_Try it_
Among the entries below, how many lines hold "separate"? Only the number is wanted.

[Dataset excerpts]
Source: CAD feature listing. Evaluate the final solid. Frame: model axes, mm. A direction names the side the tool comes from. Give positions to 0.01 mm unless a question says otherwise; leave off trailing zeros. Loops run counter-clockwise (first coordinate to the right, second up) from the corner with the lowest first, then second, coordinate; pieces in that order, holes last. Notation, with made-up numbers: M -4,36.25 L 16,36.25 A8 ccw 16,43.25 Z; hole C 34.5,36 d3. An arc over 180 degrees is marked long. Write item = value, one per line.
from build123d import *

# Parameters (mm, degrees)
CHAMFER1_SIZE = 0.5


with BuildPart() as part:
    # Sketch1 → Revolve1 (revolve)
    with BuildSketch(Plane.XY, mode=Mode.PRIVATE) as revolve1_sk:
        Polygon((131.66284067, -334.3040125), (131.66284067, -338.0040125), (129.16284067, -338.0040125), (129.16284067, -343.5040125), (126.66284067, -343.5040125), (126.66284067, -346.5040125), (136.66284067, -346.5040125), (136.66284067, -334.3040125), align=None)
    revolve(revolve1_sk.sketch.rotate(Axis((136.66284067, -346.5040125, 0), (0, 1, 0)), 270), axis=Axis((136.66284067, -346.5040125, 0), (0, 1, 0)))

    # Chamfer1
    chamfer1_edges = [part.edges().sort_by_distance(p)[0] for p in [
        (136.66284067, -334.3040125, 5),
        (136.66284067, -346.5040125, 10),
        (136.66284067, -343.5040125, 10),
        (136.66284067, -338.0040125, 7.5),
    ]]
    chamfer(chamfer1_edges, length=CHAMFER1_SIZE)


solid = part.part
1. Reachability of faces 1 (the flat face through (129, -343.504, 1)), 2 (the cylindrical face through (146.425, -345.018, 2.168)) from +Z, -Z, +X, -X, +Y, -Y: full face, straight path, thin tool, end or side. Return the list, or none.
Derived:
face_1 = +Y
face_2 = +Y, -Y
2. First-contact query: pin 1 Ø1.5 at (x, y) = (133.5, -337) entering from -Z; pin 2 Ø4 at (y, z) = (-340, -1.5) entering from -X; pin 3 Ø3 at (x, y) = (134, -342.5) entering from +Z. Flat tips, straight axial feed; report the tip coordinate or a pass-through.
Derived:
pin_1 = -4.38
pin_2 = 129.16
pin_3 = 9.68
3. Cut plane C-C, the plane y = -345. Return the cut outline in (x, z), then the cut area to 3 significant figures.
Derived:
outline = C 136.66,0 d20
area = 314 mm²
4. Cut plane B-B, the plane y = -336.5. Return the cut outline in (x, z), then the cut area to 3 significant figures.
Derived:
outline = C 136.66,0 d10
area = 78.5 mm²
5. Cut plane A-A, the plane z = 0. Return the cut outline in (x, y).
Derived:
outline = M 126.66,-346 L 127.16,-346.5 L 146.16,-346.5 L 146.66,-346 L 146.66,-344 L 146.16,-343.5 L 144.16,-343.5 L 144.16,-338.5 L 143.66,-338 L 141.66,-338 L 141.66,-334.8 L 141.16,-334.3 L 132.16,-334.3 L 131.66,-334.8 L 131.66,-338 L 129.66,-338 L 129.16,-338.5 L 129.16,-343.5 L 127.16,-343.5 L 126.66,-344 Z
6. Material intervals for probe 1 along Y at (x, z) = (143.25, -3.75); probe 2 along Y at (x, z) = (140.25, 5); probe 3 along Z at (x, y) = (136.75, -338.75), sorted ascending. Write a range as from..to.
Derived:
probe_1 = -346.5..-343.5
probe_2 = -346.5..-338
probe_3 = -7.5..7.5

---

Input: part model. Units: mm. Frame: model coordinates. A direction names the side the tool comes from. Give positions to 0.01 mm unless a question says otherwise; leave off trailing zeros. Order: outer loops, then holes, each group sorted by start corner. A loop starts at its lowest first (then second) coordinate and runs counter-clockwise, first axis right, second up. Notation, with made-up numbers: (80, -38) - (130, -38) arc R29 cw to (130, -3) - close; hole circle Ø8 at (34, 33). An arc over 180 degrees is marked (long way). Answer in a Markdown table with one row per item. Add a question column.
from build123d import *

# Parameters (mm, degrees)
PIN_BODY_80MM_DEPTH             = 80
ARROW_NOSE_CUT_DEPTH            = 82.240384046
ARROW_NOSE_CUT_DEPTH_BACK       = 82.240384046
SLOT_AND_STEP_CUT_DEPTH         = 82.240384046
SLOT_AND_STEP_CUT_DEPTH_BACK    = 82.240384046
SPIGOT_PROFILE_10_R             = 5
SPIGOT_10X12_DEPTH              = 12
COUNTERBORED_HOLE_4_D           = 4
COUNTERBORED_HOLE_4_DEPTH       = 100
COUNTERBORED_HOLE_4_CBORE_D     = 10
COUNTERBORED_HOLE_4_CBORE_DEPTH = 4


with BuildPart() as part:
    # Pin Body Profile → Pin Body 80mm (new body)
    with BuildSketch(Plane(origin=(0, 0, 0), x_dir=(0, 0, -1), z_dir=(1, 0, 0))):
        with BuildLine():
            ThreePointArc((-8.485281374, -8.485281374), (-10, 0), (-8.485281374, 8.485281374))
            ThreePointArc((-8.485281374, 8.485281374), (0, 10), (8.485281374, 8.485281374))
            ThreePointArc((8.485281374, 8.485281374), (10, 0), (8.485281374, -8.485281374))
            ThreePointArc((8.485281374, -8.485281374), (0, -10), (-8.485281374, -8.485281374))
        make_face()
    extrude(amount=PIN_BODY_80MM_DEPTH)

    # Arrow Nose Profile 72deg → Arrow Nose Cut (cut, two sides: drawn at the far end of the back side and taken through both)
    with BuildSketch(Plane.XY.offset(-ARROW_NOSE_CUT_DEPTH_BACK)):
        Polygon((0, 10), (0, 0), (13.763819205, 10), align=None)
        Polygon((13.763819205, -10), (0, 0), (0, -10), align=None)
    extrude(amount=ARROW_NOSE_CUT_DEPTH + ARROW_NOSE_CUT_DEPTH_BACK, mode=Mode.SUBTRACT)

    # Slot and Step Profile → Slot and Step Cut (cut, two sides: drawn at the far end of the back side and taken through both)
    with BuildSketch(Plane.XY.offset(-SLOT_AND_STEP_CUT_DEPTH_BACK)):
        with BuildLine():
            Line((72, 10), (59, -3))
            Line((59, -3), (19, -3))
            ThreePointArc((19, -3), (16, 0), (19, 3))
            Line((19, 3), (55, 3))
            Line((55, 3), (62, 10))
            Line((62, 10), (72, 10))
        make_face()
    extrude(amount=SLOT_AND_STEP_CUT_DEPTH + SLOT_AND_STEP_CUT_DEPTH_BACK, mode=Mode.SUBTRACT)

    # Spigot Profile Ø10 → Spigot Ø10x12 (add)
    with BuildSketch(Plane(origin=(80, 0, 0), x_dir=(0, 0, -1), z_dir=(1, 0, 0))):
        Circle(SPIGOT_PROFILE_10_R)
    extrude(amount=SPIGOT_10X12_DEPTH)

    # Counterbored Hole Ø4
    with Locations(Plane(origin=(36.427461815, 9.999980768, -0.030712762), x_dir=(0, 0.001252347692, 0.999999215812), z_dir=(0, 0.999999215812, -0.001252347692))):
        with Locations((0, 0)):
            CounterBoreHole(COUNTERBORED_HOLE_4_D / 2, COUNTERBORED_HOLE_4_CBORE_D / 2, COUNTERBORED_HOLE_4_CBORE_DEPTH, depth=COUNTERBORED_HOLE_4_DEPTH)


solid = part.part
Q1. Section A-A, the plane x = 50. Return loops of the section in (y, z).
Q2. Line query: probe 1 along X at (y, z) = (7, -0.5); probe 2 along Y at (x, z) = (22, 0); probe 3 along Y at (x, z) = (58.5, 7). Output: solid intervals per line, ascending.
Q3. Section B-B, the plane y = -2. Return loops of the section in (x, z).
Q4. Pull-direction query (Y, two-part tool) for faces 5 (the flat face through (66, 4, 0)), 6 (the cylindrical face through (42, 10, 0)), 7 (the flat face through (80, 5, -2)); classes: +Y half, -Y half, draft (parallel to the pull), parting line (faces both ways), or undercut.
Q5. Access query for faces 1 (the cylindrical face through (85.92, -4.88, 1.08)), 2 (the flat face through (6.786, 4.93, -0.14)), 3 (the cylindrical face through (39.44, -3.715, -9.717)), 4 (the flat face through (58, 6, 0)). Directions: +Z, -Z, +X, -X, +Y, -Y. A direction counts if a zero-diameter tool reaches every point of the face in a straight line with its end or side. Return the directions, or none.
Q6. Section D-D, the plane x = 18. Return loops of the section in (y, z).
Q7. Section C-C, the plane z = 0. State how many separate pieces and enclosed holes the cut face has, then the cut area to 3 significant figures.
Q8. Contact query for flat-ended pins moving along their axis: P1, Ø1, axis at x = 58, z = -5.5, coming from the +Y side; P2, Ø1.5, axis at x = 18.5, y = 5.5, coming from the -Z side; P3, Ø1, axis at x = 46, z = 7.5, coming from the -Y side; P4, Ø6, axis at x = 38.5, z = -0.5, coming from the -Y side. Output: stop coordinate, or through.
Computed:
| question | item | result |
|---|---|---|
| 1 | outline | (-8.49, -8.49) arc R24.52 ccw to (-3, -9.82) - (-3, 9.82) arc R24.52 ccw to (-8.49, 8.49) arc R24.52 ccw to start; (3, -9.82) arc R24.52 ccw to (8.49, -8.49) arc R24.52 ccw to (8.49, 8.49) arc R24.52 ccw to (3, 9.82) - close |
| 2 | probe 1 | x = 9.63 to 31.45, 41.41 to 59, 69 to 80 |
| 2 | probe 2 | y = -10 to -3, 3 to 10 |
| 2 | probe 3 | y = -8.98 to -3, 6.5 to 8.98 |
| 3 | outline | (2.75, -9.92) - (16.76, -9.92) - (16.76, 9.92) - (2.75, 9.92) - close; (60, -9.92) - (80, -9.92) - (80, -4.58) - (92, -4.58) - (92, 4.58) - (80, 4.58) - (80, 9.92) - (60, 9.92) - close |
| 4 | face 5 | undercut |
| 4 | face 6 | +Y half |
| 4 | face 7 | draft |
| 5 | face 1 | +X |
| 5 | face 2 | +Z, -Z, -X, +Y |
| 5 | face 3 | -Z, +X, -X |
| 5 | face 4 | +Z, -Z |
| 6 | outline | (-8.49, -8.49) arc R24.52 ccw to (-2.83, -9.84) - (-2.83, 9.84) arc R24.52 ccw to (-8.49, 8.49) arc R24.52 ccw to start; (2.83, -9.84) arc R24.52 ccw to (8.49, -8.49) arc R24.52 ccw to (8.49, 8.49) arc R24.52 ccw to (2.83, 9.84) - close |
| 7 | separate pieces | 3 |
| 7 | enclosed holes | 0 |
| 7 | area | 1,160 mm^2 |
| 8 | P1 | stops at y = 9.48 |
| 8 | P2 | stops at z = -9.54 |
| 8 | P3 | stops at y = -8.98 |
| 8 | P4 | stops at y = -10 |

_Exercise response_
2